== Data section
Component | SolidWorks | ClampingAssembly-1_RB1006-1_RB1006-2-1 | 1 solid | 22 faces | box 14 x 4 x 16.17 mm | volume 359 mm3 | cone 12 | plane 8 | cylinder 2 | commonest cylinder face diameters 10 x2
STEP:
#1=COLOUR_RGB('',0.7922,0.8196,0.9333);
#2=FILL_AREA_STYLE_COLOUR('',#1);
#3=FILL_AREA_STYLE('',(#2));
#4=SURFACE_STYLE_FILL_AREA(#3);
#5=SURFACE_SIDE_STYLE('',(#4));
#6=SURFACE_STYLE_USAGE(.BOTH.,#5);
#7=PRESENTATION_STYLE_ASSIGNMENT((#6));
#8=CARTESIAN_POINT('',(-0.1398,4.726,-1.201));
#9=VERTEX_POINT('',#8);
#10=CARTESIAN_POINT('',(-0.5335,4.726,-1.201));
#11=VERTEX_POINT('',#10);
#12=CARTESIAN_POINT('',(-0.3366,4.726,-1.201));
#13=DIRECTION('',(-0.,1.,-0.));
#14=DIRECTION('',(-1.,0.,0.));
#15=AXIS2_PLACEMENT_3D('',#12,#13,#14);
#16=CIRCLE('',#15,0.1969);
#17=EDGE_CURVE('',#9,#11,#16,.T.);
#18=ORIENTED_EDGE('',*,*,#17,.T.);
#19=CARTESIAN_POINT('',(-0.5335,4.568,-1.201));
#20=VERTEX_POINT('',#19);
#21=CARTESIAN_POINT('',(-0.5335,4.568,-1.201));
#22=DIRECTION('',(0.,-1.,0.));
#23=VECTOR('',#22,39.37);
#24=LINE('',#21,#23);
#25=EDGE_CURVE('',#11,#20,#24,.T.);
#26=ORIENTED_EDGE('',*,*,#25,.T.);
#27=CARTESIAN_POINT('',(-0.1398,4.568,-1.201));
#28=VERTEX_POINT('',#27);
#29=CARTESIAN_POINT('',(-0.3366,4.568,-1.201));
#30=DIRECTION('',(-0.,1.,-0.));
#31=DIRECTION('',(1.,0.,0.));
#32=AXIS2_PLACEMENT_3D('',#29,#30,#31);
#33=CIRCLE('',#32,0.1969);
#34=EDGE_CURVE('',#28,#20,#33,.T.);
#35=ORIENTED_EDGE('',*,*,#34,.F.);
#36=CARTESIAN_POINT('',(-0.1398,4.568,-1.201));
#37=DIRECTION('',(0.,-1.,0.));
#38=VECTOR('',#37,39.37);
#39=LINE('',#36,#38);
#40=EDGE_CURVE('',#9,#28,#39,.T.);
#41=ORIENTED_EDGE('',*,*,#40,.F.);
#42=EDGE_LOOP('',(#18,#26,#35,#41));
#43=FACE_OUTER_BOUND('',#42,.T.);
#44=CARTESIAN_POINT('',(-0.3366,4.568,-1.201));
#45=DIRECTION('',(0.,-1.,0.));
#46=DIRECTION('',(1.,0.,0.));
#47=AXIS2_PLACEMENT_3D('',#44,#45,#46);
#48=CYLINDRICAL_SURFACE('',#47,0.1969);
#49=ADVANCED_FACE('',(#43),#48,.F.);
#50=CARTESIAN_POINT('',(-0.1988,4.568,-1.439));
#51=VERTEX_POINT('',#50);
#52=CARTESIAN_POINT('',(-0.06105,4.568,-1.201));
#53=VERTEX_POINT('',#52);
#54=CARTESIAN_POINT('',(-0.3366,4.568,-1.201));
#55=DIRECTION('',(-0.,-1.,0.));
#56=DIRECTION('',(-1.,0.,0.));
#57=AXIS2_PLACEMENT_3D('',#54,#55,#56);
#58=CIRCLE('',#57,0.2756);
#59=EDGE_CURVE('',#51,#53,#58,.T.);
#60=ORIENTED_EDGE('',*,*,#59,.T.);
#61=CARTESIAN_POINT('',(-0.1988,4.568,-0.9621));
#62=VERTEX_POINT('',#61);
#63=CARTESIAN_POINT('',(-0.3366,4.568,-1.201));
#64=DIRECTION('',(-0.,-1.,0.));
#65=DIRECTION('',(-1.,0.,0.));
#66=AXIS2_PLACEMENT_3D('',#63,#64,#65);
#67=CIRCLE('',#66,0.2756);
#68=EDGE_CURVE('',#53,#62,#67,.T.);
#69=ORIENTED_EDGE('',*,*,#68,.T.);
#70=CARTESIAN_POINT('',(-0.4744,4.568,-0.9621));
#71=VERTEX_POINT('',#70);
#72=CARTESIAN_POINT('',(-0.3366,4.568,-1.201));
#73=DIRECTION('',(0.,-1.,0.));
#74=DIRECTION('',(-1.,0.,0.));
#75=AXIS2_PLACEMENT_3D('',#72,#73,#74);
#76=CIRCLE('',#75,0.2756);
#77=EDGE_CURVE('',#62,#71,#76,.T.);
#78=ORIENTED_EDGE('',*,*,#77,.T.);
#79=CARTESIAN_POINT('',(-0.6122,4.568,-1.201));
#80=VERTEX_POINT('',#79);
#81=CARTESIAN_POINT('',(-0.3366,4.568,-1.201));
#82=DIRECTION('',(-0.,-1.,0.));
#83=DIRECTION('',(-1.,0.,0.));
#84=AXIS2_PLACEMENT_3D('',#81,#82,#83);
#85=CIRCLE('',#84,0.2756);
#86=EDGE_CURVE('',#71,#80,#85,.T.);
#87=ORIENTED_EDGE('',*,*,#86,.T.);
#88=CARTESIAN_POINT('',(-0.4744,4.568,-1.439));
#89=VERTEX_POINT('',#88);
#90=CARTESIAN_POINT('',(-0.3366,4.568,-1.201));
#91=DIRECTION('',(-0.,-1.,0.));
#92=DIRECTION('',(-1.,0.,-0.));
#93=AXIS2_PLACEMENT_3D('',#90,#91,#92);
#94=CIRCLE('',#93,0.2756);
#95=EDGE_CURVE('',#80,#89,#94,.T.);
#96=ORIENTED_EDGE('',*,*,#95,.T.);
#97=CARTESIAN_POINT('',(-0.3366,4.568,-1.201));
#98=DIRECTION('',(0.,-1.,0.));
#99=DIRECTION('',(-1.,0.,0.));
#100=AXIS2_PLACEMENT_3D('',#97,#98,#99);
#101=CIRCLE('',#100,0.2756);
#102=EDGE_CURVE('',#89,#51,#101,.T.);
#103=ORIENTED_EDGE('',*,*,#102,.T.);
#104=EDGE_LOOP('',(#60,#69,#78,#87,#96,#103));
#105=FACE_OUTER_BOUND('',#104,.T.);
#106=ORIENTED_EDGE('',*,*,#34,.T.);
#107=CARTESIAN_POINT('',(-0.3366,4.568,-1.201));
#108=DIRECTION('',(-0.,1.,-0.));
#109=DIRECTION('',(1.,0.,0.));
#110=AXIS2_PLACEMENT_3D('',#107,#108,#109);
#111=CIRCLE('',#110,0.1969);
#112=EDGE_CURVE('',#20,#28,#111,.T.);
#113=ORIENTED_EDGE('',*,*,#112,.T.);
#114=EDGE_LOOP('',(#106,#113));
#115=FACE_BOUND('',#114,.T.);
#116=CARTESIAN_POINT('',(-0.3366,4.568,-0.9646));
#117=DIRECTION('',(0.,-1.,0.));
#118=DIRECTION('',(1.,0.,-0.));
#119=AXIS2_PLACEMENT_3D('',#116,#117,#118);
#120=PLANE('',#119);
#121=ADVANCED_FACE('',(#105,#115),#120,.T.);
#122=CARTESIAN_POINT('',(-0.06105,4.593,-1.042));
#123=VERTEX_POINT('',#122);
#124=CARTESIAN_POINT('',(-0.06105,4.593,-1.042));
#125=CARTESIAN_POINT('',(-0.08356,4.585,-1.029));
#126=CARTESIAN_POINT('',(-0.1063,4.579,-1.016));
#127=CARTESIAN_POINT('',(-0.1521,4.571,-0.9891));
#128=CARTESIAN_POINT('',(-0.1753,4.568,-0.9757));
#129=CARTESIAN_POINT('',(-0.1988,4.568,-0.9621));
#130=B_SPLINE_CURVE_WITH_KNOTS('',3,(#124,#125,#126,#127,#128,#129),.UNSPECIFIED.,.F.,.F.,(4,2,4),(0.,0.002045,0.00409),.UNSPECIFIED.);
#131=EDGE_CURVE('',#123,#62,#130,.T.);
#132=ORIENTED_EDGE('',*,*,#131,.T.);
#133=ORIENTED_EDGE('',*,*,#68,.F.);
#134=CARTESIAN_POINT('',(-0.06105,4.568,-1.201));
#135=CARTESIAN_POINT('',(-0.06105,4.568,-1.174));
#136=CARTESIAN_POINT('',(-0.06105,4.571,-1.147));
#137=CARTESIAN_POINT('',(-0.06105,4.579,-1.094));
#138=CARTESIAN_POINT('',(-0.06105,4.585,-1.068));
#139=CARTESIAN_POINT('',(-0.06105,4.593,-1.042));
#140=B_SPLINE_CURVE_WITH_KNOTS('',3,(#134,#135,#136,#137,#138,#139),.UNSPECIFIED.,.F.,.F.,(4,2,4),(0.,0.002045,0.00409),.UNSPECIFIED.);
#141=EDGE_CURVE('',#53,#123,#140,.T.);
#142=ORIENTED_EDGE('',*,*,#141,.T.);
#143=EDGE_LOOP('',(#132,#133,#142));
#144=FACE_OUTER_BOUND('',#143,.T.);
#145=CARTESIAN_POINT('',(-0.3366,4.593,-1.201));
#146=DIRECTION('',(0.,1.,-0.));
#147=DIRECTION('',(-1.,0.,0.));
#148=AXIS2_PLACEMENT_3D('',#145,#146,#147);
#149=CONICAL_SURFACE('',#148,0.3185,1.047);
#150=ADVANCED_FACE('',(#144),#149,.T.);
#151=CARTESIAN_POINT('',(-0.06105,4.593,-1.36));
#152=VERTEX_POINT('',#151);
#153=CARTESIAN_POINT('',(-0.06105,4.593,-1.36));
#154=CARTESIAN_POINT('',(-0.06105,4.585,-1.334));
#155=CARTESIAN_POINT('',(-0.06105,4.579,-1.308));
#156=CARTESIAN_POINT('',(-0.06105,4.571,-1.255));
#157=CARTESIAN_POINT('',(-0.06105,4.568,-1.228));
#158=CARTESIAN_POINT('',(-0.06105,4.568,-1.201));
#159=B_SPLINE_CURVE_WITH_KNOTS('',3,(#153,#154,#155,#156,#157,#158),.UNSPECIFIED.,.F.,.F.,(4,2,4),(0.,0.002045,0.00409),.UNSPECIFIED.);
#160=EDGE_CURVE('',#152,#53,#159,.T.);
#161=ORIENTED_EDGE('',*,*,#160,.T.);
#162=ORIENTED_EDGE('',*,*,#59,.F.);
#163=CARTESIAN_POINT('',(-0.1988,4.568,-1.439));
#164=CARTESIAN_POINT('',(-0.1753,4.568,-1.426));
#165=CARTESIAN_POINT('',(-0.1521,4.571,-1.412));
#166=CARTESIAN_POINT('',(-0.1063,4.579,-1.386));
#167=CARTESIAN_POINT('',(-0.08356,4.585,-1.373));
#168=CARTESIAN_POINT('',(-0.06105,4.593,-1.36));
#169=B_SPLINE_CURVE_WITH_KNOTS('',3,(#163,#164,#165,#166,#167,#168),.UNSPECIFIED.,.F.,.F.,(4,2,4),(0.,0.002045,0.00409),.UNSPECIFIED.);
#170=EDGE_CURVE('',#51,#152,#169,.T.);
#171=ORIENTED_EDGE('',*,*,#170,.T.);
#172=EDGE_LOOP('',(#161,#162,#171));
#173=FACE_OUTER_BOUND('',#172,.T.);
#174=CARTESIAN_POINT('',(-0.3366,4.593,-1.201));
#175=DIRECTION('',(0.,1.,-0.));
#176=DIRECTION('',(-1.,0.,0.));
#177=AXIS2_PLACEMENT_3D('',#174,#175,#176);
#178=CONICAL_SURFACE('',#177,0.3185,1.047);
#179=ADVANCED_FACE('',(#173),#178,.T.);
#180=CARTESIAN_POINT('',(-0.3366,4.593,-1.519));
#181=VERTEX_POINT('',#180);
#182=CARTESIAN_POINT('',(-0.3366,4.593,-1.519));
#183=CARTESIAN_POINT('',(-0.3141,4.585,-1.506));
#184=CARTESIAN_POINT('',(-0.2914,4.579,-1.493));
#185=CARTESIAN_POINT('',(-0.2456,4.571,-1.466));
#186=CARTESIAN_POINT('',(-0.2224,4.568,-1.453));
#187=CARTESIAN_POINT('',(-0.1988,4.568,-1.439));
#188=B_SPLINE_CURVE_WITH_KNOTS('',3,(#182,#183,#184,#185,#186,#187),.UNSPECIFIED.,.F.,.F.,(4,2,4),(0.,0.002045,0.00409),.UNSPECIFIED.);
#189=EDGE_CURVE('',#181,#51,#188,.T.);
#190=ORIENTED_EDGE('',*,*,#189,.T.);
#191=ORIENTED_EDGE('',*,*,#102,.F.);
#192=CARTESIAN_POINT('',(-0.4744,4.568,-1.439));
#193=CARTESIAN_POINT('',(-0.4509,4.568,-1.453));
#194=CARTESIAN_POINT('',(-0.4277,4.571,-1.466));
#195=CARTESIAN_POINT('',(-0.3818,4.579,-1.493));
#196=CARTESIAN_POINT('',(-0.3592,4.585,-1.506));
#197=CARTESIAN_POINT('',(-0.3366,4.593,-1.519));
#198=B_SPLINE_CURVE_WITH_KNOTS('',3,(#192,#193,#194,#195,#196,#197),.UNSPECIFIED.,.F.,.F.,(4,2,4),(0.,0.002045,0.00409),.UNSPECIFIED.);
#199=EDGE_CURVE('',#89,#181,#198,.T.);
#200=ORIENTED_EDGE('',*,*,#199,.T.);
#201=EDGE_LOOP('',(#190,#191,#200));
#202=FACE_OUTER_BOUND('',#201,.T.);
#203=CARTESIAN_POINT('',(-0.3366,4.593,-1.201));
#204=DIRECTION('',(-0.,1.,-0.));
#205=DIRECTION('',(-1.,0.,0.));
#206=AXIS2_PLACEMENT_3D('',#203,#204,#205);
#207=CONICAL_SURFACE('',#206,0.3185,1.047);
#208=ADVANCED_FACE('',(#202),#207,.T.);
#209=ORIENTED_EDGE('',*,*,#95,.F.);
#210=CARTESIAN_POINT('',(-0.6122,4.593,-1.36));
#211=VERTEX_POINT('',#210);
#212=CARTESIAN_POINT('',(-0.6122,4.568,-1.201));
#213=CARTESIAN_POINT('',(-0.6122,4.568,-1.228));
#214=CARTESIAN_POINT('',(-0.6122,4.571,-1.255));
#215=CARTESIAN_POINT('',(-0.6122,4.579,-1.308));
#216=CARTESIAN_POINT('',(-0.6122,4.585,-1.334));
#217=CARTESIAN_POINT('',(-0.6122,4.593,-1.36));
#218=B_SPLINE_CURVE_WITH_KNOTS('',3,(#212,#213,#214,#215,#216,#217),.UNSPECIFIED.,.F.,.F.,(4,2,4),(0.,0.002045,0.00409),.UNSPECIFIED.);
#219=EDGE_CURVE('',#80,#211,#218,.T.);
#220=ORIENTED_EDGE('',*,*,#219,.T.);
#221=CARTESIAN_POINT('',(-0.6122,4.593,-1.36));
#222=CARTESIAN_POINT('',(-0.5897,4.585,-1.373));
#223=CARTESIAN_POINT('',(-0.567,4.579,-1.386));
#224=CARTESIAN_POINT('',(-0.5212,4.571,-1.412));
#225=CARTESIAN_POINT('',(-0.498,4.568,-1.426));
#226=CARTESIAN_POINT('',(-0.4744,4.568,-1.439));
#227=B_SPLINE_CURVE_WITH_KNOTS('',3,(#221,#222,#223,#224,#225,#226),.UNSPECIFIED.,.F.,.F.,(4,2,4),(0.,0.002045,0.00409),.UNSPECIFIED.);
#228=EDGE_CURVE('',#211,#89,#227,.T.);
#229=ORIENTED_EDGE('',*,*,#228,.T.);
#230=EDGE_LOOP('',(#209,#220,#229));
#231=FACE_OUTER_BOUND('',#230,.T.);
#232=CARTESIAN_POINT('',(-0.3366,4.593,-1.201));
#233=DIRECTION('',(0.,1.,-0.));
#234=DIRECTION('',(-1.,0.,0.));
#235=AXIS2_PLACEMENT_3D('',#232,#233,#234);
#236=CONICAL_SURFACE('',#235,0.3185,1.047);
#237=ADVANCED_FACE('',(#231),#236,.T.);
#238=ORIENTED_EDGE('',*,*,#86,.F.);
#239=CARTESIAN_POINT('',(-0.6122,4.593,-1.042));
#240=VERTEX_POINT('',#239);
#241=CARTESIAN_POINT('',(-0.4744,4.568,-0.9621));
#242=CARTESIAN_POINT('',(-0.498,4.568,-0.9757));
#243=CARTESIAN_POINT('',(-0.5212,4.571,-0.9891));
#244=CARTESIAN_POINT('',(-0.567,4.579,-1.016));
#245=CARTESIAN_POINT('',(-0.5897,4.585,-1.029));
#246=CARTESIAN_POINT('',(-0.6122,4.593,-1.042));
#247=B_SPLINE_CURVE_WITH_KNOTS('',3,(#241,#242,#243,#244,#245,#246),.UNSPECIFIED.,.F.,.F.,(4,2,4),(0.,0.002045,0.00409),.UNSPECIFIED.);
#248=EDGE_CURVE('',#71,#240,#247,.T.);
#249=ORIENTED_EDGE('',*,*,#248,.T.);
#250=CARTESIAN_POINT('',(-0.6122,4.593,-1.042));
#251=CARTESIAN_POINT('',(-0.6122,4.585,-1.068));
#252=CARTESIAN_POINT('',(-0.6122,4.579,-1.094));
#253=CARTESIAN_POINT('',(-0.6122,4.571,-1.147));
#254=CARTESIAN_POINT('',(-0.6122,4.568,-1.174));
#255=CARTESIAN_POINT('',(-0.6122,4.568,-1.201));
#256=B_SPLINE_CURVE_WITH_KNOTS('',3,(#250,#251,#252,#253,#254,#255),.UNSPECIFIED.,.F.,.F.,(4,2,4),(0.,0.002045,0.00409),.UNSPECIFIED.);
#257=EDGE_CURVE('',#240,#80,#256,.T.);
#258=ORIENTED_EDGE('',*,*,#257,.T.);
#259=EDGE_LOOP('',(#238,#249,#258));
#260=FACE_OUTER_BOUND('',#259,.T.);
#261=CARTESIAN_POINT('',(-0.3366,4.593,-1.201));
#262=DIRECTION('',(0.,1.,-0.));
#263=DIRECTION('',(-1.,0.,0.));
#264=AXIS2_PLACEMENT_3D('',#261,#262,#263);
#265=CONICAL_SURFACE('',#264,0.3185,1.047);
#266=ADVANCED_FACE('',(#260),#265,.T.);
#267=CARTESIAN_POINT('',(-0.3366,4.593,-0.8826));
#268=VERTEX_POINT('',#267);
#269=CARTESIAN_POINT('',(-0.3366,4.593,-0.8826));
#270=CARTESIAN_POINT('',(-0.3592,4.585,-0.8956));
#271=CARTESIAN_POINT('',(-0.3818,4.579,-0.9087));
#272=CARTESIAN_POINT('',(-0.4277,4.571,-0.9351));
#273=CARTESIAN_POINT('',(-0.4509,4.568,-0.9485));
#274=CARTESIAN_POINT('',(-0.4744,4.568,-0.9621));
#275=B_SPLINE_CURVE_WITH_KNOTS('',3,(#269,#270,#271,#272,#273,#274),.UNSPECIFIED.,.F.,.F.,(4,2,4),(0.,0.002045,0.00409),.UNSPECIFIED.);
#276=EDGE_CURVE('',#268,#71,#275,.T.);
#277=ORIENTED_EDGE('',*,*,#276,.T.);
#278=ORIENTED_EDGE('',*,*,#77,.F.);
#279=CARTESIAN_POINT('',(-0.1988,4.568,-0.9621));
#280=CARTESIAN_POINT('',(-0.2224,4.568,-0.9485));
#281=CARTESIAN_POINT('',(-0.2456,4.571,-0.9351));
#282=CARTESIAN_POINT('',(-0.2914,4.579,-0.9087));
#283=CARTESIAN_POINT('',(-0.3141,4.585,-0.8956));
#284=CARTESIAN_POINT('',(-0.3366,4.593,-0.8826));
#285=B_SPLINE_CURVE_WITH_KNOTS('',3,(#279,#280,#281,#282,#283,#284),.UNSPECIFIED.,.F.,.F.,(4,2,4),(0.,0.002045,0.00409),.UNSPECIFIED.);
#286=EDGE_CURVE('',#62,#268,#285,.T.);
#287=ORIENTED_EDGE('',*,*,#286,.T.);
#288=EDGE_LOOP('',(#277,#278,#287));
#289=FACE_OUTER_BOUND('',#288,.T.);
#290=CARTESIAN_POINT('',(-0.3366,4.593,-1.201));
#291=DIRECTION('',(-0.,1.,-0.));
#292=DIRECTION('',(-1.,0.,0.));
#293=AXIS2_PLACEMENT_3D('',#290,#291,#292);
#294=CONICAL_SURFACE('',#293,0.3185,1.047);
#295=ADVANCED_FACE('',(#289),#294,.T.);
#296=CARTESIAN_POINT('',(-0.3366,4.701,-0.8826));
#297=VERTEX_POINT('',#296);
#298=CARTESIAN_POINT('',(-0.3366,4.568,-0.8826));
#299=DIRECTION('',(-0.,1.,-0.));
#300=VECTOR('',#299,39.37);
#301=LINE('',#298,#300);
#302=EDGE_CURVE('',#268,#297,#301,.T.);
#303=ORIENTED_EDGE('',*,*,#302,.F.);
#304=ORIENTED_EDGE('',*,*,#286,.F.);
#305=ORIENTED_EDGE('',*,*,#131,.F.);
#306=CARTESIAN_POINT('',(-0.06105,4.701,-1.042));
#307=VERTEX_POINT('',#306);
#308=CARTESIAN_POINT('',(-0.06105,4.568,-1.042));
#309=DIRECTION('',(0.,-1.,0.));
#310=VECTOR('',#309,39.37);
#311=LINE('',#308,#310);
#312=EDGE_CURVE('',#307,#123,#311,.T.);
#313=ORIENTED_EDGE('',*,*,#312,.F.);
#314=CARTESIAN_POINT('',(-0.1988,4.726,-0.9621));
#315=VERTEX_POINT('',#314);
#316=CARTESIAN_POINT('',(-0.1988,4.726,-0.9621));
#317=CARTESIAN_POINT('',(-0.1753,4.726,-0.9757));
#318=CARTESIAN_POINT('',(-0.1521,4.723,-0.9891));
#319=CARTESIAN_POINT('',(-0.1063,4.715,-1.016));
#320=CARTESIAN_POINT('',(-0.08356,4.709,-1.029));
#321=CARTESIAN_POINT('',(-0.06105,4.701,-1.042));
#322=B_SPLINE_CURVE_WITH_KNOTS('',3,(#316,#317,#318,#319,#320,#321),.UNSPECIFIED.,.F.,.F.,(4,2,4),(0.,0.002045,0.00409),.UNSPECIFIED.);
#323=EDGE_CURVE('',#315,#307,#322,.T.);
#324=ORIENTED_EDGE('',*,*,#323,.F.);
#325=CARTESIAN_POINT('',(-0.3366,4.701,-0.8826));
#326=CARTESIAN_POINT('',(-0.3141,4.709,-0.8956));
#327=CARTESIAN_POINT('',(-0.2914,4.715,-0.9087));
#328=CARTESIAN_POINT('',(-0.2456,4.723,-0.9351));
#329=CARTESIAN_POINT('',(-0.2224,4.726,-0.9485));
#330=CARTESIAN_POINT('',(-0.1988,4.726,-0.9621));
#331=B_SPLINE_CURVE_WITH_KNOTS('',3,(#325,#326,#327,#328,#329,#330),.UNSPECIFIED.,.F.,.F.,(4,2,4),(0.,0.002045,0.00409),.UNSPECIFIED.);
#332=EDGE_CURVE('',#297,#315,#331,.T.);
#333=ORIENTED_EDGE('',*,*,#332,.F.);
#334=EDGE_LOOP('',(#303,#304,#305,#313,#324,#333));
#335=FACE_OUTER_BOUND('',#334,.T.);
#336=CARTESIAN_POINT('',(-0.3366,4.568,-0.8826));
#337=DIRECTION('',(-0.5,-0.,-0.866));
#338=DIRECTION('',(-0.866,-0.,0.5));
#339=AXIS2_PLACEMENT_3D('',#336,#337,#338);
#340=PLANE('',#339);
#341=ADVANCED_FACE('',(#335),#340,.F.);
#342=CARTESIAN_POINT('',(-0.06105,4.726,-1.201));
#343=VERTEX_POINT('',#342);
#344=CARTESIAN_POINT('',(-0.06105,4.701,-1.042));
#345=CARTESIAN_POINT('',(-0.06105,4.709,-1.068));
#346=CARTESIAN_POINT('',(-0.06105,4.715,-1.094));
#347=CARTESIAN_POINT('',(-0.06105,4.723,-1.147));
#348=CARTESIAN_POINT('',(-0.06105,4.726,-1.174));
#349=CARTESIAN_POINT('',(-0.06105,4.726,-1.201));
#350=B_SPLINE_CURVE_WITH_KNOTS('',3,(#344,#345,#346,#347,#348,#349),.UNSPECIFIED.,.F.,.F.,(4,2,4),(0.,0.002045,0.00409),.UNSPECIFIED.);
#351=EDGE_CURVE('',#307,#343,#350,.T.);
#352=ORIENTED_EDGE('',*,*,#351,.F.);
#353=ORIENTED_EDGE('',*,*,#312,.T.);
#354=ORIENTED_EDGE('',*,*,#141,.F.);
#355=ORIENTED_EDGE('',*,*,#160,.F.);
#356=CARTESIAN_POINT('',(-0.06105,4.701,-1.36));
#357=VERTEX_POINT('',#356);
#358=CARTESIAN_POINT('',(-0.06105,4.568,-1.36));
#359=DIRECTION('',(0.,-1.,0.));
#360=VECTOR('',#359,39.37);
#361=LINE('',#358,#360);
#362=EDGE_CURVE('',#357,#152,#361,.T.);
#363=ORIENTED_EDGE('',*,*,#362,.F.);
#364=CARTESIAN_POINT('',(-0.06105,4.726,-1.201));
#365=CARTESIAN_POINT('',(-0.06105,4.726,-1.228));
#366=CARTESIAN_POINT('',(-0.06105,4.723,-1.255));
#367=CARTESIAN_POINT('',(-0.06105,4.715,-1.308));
====
● Work task:
Check each line of the records for the string "VECTOR" and copy those that have it.

● Solution:
#23=VECTOR('',#22,39.37);
#38=VECTOR('',#37,39.37);
#300=VECTOR('',#299,39.37);
#310=VECTOR('',#309,39.37);
#360=VECTOR('',#359,39.37);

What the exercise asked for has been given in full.